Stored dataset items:
....
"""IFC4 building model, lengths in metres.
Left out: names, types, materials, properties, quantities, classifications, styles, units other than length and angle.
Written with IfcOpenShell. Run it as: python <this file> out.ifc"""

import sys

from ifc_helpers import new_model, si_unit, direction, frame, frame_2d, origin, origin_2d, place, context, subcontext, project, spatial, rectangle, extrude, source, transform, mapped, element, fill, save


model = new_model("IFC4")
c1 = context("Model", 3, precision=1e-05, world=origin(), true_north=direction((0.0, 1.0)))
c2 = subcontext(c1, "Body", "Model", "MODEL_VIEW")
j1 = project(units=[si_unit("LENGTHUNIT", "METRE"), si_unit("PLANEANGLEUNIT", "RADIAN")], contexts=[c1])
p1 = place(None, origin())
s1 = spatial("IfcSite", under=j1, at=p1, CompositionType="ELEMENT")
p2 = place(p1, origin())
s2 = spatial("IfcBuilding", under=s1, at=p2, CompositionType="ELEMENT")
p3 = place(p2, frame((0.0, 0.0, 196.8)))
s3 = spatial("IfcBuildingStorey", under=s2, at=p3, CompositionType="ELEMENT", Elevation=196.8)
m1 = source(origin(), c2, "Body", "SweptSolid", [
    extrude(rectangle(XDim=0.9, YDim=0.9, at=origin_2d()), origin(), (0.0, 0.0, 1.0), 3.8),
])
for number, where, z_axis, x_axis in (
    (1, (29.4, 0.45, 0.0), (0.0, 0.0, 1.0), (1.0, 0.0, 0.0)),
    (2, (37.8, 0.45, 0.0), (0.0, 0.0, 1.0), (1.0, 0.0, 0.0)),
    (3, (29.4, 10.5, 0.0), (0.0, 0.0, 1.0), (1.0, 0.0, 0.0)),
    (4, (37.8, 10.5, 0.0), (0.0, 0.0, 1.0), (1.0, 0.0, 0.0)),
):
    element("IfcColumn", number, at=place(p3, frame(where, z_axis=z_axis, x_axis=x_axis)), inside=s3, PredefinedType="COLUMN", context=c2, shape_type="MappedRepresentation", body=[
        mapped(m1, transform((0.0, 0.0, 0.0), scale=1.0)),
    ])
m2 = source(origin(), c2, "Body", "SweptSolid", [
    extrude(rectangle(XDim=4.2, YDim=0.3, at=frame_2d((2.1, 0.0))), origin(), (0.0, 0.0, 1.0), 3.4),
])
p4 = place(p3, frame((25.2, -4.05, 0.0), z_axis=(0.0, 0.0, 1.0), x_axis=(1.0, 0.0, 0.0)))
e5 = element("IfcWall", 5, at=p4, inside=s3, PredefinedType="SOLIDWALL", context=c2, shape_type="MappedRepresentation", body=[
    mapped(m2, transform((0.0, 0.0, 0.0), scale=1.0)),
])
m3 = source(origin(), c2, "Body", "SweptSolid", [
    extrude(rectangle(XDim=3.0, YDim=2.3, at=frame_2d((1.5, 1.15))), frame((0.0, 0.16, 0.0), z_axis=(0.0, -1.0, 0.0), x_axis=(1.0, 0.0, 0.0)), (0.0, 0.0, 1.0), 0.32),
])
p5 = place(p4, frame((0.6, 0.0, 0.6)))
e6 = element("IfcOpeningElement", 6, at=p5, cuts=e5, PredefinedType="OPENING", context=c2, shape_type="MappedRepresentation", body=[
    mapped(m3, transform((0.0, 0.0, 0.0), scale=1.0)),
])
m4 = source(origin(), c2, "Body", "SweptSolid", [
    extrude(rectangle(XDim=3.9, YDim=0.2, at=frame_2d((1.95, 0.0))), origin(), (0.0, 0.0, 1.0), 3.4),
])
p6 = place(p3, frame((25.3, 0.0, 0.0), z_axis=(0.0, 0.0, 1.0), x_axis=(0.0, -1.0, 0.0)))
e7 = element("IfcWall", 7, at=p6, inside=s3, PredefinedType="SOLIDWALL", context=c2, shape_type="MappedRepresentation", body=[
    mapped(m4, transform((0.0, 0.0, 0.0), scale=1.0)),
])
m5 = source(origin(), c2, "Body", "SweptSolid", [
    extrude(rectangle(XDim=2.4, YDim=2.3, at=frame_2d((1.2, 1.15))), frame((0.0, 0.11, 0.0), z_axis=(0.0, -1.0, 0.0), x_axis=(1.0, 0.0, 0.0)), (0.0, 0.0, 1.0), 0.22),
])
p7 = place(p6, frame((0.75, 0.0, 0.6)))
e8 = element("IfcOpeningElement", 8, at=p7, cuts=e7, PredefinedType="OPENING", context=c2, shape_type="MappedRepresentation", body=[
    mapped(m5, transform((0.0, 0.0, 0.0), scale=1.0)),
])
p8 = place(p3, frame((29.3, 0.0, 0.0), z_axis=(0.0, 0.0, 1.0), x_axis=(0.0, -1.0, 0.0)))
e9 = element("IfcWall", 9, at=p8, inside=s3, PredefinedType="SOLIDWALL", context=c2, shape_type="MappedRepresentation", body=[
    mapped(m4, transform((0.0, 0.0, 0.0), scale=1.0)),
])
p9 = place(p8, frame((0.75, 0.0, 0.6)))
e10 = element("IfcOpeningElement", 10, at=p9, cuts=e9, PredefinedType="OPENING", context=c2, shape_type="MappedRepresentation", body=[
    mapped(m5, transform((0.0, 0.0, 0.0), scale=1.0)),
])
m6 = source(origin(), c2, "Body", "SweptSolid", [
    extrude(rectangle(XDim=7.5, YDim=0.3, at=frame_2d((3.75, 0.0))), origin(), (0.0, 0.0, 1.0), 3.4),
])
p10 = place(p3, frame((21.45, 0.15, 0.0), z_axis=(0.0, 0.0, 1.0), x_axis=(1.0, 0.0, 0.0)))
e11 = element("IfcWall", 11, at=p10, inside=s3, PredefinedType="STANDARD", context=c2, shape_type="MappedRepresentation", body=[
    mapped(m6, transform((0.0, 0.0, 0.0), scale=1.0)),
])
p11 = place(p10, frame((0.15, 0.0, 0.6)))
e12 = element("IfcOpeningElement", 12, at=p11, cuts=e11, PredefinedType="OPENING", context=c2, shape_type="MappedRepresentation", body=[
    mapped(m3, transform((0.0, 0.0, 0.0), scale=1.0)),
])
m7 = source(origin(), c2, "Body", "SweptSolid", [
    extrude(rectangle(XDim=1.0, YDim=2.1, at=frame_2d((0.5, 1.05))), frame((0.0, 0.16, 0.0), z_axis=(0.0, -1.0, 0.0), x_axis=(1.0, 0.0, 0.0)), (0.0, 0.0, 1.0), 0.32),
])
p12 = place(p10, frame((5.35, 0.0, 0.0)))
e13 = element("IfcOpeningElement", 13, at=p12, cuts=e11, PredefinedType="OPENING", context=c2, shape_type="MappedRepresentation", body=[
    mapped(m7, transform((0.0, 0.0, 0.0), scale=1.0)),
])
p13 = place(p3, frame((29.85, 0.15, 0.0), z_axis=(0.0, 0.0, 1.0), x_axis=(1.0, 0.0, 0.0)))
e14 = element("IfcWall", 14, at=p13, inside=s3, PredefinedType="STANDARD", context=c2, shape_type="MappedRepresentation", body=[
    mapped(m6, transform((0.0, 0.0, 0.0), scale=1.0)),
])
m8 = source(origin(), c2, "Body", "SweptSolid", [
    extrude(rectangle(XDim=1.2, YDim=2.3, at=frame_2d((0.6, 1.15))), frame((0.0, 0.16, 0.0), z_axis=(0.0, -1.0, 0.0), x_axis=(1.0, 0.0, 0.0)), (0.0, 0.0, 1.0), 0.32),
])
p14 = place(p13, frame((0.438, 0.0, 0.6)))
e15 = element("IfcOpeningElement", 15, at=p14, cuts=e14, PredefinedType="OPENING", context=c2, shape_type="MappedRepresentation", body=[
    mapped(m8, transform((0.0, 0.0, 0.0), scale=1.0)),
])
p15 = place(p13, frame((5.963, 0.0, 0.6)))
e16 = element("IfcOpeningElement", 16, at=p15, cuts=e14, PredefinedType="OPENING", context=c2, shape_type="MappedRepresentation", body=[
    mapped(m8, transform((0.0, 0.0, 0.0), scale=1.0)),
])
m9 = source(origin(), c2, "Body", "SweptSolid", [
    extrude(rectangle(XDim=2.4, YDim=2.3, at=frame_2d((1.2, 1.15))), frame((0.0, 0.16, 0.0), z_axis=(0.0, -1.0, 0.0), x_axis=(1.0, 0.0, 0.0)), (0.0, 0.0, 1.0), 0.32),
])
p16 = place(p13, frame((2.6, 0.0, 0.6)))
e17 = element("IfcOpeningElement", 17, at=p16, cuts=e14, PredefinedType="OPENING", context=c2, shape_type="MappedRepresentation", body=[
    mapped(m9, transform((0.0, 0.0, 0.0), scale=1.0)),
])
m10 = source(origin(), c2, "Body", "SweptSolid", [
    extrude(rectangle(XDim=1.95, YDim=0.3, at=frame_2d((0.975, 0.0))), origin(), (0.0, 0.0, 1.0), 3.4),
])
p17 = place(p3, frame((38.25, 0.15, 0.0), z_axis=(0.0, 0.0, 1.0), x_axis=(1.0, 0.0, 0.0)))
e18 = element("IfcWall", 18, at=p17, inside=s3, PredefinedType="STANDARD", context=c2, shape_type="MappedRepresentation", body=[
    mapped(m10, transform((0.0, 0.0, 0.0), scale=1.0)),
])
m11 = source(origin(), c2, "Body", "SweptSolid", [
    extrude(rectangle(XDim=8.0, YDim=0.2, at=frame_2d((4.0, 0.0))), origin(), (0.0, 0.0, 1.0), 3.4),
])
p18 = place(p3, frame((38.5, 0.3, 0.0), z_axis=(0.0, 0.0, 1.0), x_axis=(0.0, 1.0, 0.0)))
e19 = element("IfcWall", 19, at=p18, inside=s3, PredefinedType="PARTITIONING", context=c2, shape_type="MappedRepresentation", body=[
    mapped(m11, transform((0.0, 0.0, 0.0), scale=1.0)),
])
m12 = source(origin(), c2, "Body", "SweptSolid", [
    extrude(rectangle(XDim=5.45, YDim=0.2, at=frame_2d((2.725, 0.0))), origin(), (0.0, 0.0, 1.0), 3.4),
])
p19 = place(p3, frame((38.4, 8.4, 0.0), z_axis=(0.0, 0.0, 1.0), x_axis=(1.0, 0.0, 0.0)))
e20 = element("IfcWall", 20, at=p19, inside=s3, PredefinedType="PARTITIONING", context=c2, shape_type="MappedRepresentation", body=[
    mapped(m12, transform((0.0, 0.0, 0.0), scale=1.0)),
....
#### PROBLEM STATEMENT
Return every line from the entries that holds the string "PARTITIONING".

#### TASK ANSWER
e19 = element("IfcWall", 19, at=p18, inside=s3, PredefinedType="PARTITIONING", context=c2, shape_type="MappedRepresentation", body=[
e20 = element("IfcWall", 20, at=p19, inside=s3, PredefinedType="PARTITIONING", context=c2, shape_type="MappedRepresentation", body=[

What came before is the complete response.